(What is required): Reproduce exactly the lines below from the one containing "#299=DIRECTION('',(0.2588,0.9659,0.));" through the one containing "#305=CARTESIAN_POINT('',(-1.808,-0.7544,3.657));", including both, and nothing else.

(Extracted records):
□ □ □ □ □
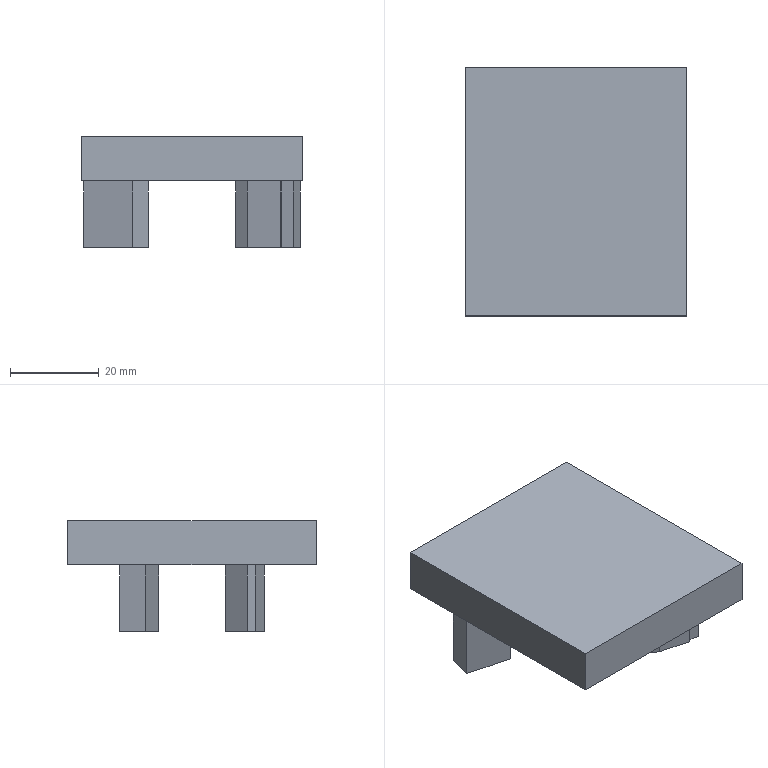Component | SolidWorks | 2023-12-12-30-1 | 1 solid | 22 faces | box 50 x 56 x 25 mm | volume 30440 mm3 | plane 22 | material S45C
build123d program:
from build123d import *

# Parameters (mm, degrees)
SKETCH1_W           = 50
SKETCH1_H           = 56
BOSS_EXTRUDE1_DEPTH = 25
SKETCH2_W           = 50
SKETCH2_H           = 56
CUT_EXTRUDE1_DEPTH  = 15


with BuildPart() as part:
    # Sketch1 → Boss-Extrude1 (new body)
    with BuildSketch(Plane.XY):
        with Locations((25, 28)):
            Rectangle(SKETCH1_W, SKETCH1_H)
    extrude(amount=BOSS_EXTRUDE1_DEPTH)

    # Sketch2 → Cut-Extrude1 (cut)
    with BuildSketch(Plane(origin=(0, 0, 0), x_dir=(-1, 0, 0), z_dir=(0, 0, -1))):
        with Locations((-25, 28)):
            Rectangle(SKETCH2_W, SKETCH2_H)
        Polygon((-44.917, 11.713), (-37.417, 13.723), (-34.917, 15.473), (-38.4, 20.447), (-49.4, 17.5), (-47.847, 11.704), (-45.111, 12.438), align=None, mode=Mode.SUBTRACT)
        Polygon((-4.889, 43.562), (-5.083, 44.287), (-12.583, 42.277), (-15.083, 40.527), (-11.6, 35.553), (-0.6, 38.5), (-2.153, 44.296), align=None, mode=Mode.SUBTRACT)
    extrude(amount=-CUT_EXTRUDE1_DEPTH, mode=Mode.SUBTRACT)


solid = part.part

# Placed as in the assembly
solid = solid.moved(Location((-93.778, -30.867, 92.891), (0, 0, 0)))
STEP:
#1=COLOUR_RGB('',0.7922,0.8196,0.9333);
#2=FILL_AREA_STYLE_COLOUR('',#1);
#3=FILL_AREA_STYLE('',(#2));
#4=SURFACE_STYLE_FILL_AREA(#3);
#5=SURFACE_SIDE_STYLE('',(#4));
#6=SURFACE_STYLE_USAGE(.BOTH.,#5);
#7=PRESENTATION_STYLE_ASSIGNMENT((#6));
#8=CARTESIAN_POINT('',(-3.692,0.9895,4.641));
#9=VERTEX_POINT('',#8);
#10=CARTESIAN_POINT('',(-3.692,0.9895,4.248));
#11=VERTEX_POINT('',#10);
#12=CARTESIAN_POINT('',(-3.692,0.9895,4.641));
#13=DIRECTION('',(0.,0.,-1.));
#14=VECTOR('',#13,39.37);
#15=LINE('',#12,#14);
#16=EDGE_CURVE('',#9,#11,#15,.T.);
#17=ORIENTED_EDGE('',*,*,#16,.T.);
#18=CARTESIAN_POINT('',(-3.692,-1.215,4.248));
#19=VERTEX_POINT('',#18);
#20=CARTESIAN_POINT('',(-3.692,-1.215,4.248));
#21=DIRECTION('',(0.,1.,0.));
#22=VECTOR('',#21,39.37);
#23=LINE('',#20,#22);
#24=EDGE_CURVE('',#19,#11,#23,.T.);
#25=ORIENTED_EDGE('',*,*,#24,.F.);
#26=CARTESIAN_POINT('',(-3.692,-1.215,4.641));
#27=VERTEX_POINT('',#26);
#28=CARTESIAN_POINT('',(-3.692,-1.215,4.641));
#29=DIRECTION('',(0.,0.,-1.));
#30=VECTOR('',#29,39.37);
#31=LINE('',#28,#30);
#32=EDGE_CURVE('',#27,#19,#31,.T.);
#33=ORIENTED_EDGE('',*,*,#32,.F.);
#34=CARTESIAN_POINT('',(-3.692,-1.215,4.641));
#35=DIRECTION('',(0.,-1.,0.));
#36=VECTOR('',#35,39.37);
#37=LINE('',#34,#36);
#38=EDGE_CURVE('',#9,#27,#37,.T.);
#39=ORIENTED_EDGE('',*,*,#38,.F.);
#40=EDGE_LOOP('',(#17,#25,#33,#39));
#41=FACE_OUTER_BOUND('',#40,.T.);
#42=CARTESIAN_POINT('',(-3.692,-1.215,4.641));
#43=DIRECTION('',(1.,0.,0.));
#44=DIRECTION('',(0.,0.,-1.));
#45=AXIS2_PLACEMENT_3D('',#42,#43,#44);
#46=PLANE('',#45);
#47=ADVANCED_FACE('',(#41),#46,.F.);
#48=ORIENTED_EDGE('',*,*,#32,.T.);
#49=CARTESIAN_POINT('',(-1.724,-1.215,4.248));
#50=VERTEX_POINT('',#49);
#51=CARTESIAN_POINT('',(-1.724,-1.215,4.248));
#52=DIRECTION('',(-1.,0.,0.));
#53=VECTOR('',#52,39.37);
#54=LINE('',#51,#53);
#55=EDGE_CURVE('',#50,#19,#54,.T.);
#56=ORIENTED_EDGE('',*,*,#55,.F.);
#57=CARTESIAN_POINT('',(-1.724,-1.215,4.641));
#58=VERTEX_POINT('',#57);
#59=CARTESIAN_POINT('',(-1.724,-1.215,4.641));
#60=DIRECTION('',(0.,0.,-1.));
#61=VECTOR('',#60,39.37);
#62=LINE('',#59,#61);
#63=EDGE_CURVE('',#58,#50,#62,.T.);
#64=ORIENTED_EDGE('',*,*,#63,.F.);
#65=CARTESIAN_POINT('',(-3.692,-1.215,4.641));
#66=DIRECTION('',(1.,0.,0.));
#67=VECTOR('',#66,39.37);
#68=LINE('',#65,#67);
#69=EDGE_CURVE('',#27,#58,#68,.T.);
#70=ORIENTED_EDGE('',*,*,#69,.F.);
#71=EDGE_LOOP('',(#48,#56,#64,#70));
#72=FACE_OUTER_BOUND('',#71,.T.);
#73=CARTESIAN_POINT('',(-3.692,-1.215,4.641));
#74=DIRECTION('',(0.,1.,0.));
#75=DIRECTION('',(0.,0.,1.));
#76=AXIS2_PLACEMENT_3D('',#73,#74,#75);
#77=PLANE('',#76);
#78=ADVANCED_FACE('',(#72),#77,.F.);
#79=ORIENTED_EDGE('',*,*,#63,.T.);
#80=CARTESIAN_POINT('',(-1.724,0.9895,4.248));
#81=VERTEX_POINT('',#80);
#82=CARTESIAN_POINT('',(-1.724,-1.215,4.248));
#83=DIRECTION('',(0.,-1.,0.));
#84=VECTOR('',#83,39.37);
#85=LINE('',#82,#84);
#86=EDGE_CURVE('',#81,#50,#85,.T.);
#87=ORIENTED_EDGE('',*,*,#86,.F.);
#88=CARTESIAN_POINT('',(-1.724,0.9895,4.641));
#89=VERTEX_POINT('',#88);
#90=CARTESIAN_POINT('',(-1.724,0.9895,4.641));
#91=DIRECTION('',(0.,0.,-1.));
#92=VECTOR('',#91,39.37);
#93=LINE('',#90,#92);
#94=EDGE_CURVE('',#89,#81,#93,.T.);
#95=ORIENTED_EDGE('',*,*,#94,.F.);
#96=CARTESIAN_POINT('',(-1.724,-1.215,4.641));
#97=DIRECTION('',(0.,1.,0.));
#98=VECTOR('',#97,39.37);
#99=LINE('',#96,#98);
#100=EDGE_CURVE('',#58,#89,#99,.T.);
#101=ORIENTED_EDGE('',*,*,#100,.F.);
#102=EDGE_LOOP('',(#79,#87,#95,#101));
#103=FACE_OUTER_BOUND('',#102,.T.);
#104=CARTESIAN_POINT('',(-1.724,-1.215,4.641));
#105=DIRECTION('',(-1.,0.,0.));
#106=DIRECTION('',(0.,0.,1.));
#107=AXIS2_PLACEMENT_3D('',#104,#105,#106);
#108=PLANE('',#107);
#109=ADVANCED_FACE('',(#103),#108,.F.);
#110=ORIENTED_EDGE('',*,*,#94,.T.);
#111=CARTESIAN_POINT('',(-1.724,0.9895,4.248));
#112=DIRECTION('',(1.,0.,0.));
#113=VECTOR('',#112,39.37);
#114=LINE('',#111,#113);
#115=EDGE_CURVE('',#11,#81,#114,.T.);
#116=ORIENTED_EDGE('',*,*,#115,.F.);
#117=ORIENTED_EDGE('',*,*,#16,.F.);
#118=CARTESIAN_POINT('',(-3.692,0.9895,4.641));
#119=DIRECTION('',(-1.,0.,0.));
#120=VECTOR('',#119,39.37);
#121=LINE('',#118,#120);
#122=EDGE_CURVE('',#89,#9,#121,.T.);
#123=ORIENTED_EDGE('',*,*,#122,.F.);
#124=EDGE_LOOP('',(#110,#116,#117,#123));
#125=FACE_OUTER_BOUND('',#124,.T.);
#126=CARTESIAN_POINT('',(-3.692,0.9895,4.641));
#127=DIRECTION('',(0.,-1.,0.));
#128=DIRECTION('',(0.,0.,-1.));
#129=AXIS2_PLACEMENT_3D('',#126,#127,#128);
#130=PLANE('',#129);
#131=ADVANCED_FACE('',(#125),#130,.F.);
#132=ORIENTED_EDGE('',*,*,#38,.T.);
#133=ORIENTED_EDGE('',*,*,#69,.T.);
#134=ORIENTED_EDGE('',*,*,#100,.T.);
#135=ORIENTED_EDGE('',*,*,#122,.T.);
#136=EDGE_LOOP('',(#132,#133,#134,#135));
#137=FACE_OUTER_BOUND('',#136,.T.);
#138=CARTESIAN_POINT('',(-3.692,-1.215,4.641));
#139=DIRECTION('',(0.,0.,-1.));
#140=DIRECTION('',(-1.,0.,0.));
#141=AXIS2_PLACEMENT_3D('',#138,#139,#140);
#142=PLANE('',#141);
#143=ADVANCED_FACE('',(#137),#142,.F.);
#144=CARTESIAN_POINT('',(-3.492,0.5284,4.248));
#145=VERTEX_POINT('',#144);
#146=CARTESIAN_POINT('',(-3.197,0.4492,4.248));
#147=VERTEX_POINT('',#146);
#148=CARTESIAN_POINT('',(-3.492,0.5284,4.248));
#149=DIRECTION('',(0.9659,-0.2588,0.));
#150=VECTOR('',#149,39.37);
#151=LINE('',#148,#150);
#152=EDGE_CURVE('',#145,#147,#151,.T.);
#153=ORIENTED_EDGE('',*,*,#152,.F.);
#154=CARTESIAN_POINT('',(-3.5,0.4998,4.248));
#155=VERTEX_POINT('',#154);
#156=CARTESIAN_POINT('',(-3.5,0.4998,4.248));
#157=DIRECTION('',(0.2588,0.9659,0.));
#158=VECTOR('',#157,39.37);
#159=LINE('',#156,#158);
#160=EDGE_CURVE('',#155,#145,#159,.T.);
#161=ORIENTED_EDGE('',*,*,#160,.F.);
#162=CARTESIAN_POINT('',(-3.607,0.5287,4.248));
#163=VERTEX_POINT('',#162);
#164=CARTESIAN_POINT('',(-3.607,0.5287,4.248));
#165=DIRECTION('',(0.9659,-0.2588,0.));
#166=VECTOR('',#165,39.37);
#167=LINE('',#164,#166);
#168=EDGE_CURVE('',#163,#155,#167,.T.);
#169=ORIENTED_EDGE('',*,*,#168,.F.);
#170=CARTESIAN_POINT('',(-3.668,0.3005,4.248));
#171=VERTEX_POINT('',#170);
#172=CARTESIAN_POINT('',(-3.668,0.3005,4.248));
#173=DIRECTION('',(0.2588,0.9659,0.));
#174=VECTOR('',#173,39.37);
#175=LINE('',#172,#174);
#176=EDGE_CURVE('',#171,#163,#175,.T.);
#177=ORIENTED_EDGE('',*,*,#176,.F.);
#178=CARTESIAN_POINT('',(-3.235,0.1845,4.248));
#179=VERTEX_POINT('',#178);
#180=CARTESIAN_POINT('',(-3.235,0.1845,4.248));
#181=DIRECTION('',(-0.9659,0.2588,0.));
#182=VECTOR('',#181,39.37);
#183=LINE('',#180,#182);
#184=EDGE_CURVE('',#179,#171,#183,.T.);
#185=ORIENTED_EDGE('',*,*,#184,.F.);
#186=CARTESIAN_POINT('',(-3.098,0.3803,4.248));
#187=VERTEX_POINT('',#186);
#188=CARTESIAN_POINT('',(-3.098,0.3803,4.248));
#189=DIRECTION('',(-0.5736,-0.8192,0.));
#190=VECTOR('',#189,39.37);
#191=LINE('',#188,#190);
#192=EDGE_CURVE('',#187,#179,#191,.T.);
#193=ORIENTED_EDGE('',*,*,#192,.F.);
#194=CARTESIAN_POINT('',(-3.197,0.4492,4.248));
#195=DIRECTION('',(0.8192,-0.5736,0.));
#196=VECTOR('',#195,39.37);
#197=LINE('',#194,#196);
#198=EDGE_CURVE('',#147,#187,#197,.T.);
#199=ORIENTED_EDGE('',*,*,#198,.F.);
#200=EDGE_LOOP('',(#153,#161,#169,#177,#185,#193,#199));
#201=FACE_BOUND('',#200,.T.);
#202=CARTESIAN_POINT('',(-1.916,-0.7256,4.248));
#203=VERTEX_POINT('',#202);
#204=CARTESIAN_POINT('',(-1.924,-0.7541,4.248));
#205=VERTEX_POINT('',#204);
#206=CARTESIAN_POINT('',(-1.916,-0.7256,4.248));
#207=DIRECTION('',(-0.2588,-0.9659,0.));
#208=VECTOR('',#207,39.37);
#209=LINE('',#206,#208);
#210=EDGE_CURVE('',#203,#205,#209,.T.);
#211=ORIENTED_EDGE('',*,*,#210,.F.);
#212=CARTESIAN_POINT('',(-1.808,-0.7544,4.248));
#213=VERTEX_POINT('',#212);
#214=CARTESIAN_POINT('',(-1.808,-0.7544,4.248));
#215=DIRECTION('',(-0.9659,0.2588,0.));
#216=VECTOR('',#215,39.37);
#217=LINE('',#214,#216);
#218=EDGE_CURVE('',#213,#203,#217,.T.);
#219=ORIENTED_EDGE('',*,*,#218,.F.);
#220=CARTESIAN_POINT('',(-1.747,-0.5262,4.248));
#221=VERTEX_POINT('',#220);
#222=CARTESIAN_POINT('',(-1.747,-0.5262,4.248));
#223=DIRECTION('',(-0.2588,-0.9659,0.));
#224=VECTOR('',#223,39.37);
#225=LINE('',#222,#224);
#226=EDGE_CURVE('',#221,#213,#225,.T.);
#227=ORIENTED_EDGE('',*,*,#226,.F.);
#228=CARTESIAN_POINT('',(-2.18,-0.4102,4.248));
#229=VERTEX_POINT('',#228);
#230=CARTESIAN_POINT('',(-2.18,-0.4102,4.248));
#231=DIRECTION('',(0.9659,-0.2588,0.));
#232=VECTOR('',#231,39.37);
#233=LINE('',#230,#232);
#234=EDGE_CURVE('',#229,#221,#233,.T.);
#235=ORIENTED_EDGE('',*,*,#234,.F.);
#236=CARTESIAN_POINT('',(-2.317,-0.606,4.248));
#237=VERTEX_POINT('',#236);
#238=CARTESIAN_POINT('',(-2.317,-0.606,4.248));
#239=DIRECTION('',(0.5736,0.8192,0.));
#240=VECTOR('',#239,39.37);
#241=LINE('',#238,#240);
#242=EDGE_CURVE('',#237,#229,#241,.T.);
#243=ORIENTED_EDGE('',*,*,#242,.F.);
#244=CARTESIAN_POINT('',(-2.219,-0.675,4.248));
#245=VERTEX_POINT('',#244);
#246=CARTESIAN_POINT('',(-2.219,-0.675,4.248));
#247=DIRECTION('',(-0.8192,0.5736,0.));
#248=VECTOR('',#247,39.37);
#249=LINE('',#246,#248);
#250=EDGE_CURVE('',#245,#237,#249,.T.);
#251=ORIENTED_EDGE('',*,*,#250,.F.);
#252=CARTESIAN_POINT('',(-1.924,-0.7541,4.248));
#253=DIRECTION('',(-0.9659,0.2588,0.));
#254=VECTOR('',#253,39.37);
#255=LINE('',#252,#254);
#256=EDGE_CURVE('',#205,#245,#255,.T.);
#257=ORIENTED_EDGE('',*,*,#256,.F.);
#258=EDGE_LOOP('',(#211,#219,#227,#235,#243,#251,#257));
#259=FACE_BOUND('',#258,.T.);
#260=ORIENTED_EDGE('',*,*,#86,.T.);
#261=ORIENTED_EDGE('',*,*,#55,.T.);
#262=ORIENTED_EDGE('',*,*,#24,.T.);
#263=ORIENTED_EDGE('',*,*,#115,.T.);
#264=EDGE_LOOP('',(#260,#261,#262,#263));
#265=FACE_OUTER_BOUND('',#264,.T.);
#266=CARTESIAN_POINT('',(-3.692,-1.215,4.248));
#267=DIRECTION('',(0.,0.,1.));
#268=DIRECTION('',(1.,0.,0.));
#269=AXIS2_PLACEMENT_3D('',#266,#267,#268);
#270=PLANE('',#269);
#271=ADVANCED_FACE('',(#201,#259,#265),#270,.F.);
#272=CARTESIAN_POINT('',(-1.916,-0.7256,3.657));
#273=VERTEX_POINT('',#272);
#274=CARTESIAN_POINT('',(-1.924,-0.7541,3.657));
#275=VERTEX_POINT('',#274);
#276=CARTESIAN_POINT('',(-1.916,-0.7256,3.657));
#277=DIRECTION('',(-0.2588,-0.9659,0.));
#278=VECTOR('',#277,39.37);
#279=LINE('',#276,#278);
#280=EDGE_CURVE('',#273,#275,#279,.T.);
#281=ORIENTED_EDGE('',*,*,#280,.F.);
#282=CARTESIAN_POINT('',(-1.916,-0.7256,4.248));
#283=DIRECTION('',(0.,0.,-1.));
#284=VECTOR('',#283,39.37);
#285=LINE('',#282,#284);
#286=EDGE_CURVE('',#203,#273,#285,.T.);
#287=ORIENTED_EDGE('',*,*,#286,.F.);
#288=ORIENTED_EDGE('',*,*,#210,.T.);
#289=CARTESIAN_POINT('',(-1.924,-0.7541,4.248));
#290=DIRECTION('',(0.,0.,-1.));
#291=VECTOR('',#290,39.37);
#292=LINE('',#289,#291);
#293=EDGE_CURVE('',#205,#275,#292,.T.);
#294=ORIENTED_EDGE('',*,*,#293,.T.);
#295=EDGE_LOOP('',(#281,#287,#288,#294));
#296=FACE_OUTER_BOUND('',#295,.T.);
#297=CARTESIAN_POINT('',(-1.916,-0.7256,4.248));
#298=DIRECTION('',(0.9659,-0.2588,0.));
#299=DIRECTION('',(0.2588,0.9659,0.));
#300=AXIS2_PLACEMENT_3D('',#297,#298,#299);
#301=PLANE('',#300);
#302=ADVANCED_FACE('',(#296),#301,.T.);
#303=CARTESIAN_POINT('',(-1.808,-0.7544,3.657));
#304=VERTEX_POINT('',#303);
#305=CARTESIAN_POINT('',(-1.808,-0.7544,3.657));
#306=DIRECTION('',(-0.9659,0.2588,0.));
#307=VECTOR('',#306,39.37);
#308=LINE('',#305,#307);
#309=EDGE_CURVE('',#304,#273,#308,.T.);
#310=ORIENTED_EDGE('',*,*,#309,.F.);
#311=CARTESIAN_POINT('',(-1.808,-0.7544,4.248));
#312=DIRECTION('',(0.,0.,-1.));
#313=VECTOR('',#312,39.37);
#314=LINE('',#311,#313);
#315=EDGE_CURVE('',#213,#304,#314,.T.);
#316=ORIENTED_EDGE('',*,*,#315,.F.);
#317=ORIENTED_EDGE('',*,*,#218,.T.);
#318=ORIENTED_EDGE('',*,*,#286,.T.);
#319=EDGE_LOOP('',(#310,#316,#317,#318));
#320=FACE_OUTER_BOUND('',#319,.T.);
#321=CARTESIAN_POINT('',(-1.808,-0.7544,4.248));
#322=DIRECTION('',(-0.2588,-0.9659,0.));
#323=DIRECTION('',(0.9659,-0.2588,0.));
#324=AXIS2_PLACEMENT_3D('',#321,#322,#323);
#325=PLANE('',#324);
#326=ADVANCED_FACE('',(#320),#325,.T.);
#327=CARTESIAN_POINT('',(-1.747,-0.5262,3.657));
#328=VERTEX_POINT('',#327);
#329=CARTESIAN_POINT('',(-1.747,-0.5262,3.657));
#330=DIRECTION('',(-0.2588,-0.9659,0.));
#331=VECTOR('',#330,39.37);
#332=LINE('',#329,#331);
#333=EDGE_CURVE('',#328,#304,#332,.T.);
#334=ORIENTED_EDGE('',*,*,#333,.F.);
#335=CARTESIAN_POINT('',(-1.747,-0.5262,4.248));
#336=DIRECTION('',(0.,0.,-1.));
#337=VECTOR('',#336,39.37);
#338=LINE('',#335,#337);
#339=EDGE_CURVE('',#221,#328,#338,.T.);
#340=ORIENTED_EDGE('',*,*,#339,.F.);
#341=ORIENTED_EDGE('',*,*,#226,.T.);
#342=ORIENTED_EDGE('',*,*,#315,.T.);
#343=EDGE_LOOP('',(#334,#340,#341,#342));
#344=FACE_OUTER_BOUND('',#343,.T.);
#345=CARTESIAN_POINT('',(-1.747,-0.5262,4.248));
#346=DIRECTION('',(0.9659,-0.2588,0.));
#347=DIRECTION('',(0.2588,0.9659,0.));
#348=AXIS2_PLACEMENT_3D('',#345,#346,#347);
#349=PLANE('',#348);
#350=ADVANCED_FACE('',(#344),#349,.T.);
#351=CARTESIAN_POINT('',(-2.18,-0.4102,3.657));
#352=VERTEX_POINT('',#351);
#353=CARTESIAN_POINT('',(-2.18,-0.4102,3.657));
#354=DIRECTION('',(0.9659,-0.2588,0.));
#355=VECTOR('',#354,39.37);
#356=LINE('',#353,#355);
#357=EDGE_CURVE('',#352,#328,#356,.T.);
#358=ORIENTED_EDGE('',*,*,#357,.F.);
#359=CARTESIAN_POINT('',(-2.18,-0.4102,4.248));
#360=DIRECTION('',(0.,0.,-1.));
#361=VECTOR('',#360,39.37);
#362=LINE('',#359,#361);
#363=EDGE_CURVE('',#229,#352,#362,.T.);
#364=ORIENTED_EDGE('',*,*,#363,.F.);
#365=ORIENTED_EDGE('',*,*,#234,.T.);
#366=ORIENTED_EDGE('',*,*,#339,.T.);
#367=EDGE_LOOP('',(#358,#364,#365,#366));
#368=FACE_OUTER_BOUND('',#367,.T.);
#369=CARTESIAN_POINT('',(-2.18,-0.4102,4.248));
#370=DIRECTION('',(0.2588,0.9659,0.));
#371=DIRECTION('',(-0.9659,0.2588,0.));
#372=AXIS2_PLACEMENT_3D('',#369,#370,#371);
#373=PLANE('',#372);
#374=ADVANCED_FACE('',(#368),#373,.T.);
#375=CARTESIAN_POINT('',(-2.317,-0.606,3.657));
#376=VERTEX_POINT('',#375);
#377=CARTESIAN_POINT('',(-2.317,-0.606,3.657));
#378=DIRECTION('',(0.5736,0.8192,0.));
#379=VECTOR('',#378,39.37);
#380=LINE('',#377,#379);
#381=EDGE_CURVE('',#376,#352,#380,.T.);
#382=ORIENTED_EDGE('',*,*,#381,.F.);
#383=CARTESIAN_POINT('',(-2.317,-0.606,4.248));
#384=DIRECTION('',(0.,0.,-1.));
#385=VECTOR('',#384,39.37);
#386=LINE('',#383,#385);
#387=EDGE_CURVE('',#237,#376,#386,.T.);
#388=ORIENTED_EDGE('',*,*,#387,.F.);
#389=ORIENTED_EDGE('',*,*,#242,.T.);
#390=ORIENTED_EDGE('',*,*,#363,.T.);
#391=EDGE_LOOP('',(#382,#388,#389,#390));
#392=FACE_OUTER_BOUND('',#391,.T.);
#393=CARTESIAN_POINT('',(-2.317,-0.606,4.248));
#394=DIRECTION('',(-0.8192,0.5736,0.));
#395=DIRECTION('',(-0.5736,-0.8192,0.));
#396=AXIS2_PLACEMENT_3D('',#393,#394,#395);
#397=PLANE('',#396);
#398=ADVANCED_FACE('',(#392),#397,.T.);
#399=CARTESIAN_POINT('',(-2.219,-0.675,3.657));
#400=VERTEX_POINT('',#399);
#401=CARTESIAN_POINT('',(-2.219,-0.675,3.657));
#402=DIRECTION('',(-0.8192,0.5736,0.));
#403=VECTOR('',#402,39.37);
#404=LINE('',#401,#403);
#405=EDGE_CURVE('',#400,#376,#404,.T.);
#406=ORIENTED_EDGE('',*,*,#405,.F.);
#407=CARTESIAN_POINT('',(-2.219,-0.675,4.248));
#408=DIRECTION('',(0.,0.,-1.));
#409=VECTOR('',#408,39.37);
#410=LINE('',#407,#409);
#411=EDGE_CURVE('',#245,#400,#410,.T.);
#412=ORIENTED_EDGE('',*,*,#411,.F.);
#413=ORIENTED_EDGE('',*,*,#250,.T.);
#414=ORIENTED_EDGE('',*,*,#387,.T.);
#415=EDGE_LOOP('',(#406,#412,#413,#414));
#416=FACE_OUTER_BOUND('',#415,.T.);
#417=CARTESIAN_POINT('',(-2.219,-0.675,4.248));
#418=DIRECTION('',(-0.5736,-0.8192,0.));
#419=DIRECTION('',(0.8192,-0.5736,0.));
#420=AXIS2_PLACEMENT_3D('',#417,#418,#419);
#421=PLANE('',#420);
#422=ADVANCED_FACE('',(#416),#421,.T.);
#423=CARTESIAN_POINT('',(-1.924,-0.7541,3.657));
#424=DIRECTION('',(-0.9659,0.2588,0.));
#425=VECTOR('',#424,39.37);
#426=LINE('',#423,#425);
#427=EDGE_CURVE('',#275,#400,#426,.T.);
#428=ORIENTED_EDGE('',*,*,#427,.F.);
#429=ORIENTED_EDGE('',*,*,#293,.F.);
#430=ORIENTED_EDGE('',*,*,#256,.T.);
□ □ □ □ □
(Solution for this exercise):
#299=DIRECTION('',(0.2588,0.9659,0.));
#300=AXIS2_PLACEMENT_3D('',#297,#298,#299);
#301=PLANE('',#300);
#302=ADVANCED_FACE('',(#296),#301,.T.);
#303=CARTESIAN_POINT('',(-1.808,-0.7544,3.657));
#304=VERTEX_POINT('',#303);
#305=CARTESIAN_POINT('',(-1.808,-0.7544,3.657));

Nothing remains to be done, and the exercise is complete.